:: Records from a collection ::
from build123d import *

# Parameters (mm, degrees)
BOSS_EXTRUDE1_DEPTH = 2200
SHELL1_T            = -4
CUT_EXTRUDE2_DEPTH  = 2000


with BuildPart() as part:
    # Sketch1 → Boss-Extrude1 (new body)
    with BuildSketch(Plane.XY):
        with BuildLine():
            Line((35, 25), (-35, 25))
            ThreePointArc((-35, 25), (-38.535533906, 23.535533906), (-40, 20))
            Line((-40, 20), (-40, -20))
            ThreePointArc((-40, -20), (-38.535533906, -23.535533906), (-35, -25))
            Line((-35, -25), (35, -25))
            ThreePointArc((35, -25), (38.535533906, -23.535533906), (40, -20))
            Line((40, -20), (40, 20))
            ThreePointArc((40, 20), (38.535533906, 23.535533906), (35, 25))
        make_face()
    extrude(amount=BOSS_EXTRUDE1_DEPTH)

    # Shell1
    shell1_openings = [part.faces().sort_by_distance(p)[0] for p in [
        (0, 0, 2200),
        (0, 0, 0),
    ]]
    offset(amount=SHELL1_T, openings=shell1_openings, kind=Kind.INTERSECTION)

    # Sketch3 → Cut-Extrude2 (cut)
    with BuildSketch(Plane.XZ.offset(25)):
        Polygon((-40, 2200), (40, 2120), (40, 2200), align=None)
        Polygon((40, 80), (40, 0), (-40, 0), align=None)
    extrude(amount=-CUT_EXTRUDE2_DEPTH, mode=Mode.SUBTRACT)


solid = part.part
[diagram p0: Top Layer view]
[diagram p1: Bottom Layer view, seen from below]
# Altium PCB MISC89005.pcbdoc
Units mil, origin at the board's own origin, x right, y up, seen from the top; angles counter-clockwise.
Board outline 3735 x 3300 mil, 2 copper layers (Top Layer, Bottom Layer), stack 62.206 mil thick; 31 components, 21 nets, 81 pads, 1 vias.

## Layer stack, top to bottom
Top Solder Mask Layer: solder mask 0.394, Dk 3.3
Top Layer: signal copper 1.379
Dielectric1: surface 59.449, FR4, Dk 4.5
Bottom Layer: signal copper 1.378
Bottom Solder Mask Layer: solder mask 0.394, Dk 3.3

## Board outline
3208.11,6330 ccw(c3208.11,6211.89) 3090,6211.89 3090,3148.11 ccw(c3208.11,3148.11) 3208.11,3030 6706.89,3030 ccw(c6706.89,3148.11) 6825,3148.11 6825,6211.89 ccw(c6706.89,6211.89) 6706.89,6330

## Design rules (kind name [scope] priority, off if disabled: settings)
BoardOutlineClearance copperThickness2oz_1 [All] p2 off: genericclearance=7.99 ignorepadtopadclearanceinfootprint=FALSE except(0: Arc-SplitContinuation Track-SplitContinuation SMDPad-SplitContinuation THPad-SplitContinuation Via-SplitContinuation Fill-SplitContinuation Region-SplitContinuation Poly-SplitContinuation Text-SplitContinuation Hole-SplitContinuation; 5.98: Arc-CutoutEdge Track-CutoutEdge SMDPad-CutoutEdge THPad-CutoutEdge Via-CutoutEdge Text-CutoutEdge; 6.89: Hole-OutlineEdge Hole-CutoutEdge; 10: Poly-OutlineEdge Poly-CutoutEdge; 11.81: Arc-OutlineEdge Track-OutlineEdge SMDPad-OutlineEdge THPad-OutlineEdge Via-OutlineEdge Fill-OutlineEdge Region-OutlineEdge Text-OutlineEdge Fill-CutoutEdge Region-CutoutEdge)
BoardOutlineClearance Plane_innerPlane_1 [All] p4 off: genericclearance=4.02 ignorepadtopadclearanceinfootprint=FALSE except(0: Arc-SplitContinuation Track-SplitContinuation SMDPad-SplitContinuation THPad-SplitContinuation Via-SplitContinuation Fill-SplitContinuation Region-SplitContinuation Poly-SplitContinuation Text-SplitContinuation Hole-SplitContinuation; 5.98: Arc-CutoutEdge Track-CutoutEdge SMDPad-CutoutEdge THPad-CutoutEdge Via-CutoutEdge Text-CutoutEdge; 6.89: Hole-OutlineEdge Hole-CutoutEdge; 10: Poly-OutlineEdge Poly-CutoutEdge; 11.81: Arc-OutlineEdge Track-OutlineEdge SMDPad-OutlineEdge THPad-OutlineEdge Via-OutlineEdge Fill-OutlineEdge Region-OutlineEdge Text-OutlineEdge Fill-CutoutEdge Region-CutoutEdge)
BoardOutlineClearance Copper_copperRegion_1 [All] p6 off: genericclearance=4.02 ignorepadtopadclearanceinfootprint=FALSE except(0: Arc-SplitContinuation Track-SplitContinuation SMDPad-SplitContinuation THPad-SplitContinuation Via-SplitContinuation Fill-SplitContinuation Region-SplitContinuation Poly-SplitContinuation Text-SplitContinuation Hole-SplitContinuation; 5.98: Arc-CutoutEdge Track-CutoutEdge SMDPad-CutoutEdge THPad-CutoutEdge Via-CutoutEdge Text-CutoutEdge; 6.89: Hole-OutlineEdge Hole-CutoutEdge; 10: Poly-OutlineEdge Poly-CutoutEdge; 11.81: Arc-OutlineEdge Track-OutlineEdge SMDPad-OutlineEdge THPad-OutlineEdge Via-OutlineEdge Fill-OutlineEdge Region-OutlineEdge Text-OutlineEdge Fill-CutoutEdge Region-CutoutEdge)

:: What to work on ::
Scan the records above. Return every line with "Solder" in it.

:: Output for this task ::
Top Solder Mask Layer: solder mask 0.394, Dk 3.3
Bottom Solder Mask Layer: solder mask 0.394, Dk 3.3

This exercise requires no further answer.